== EXERCISE DIRECTIONS ==
If a record holds a picture, drop the picture and repeat everything else word for word.

*** Opening of DATA PROVIDED ***

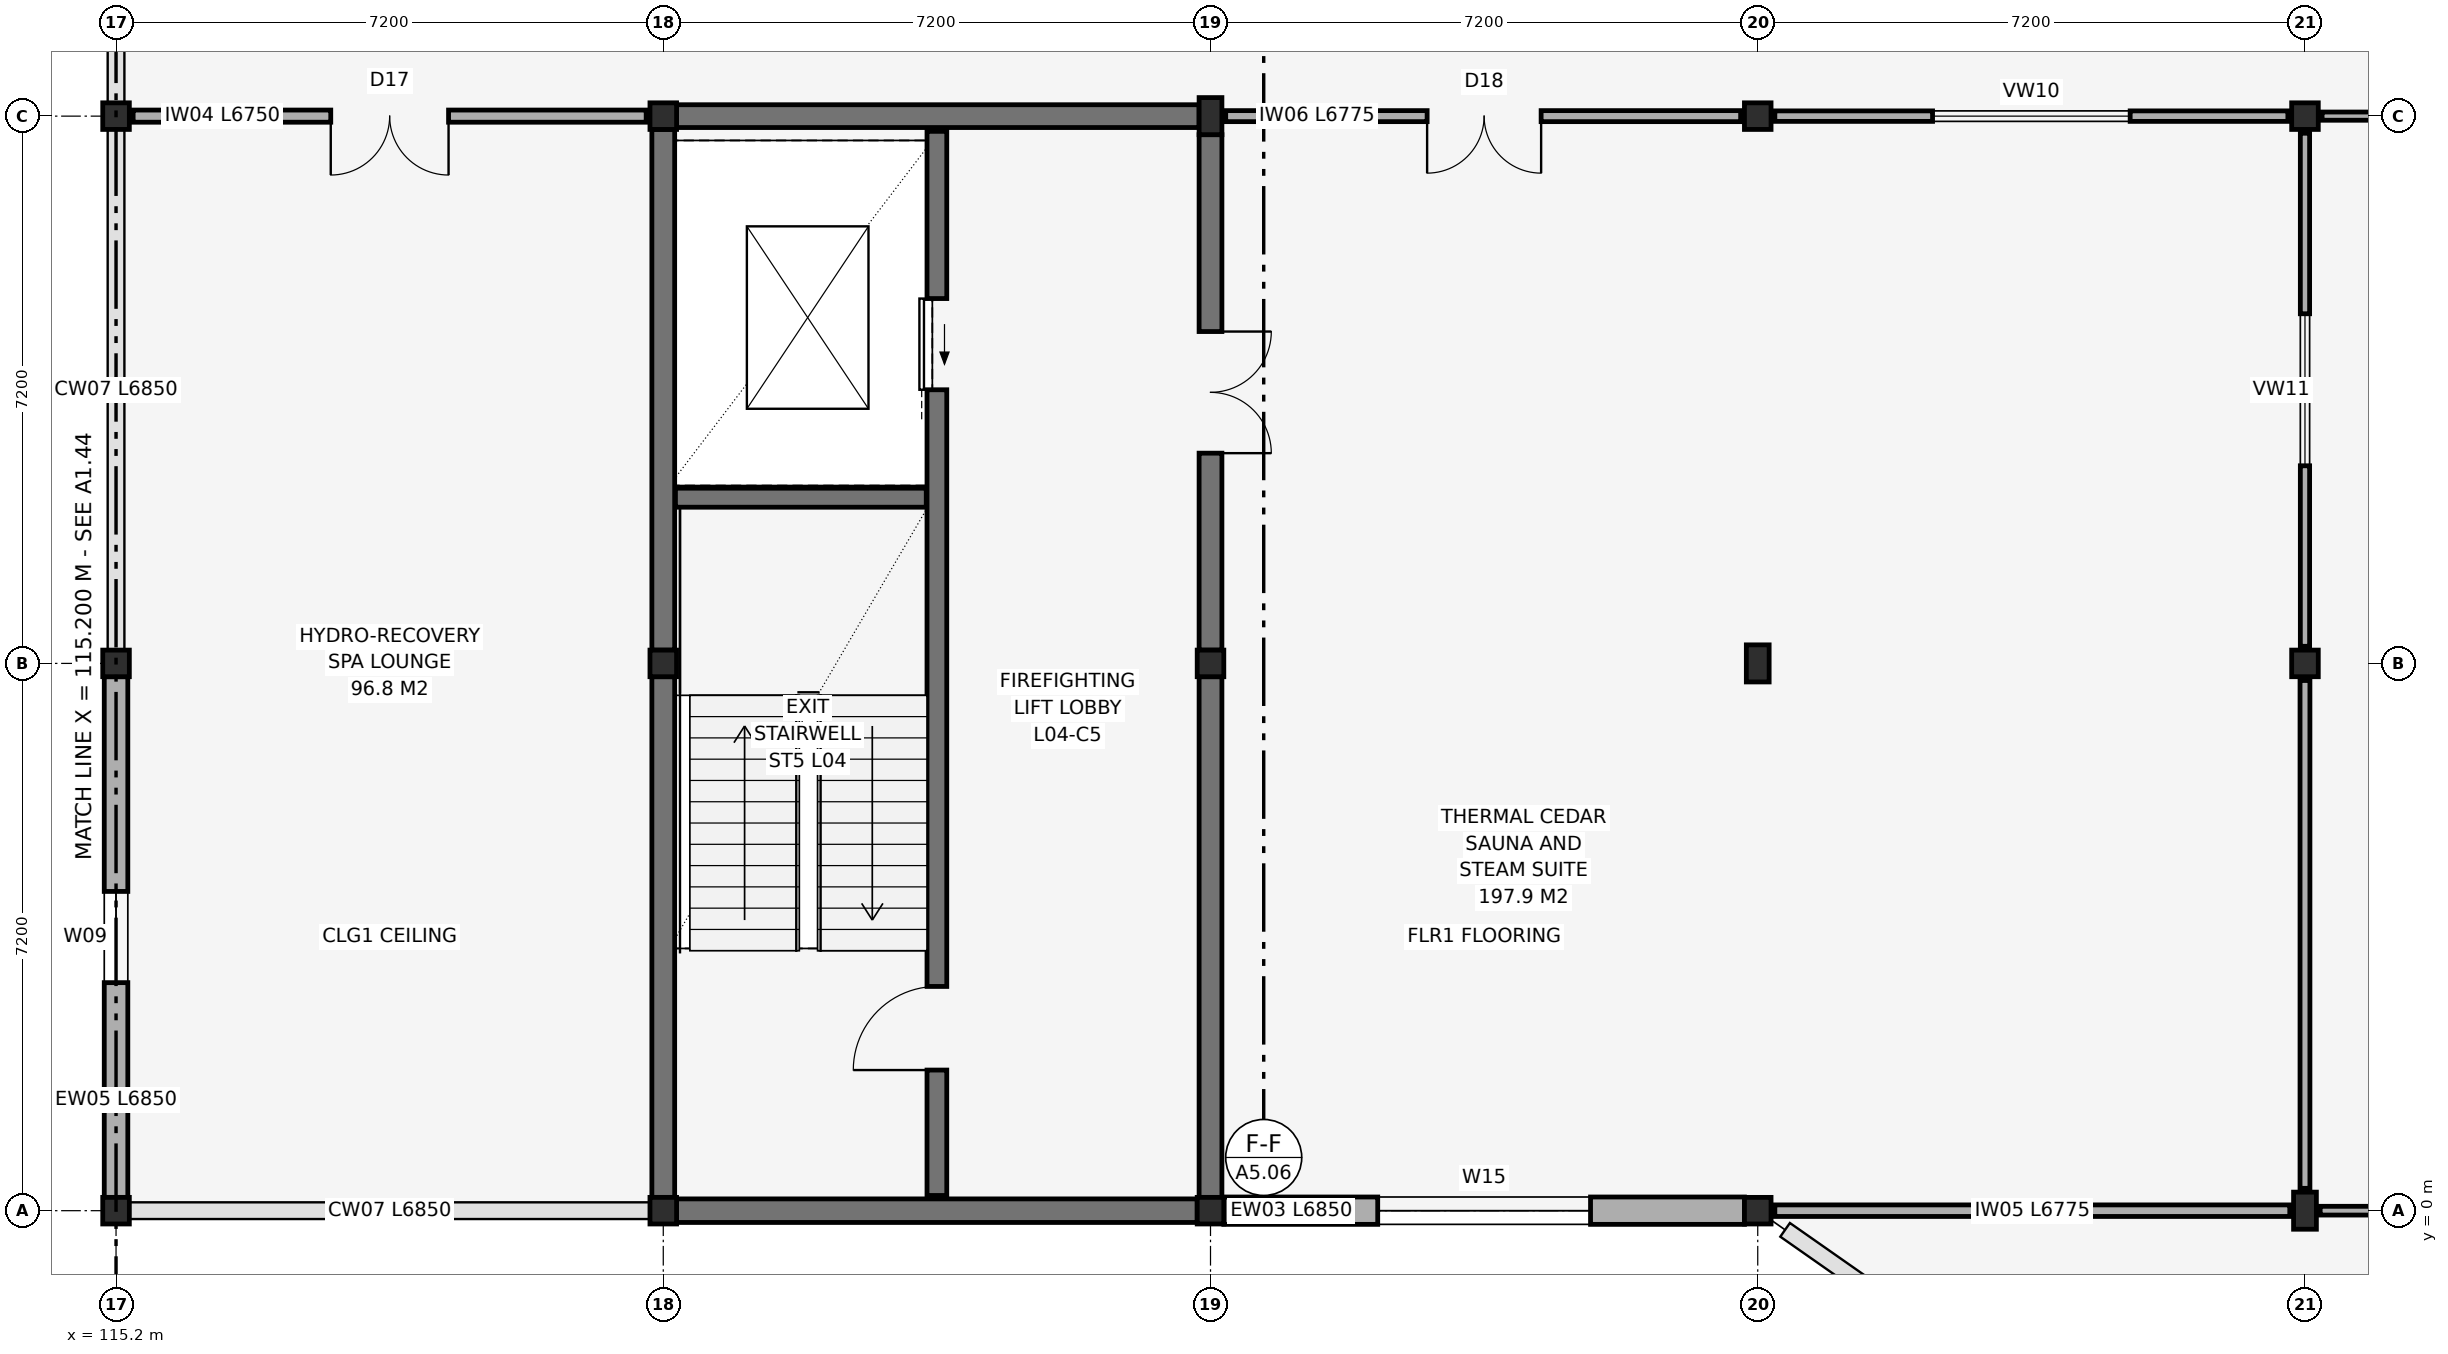
"""IFC4 building model, lengths in metres.
Left out: names, types, materials, properties, quantities, classifications, styles, units other than length and angle.
Written with IfcOpenShell. Run it as: python <this file> out.ifc"""

import sys

from ifc_helpers import new_model, si_unit, direction, frame, frame_2d, origin, origin_2d, place, context, subcontext, project, spatial, rectangle, i_section, extrude, element, fill, save


model = new_model("IFC4")
c1 = context("Model", 3, precision=1e-05, world=origin(), true_north=direction((0.0, 1.0)))
c2 = subcontext(c1, "Body", "Model", "MODEL_VIEW")
j1 = project(units=[si_unit("LENGTHUNIT", "METRE"), si_unit("PLANEANGLEUNIT", "RADIAN")], contexts=[c1])
p1 = place(None, origin())
s1 = spatial("IfcSite", under=j1, at=p1, CompositionType="ELEMENT")
p2 = place(p1, origin())
s2 = spatial("IfcBuilding", under=s1, at=p2, CompositionType="ELEMENT")
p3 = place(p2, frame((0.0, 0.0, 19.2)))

*** Close of DATA PROVIDED ***

== RESPONSE TO THIS TASK ==
"""IFC4 building model, lengths in metres.
Left out: names, types, materials, properties, quantities, classifications, styles, units other than length and angle.
Written with IfcOpenShell. Run it as: python <this file> out.ifc"""

import sys

from ifc_helpers import new_model, si_unit, direction, frame, frame_2d, origin, origin_2d, place, context, subcontext, project, spatial, rectangle, i_section, extrude, element, fill, save


model = new_model("IFC4")
c1 = context("Model", 3, precision=1e-05, world=origin(), true_north=direction((0.0, 1.0)))
c2 = subcontext(c1, "Body", "Model", "MODEL_VIEW")
j1 = project(units=[si_unit("LENGTHUNIT", "METRE"), si_unit("PLANEANGLEUNIT", "RADIAN")], contexts=[c1])
p1 = place(None, origin())
s1 = spatial("IfcSite", under=j1, at=p1, CompositionType="ELEMENT")
p2 = place(p1, origin())
s2 = spatial("IfcBuilding", under=s1, at=p2, CompositionType="ELEMENT")
p3 = place(p2, frame((0.0, 0.0, 19.2)))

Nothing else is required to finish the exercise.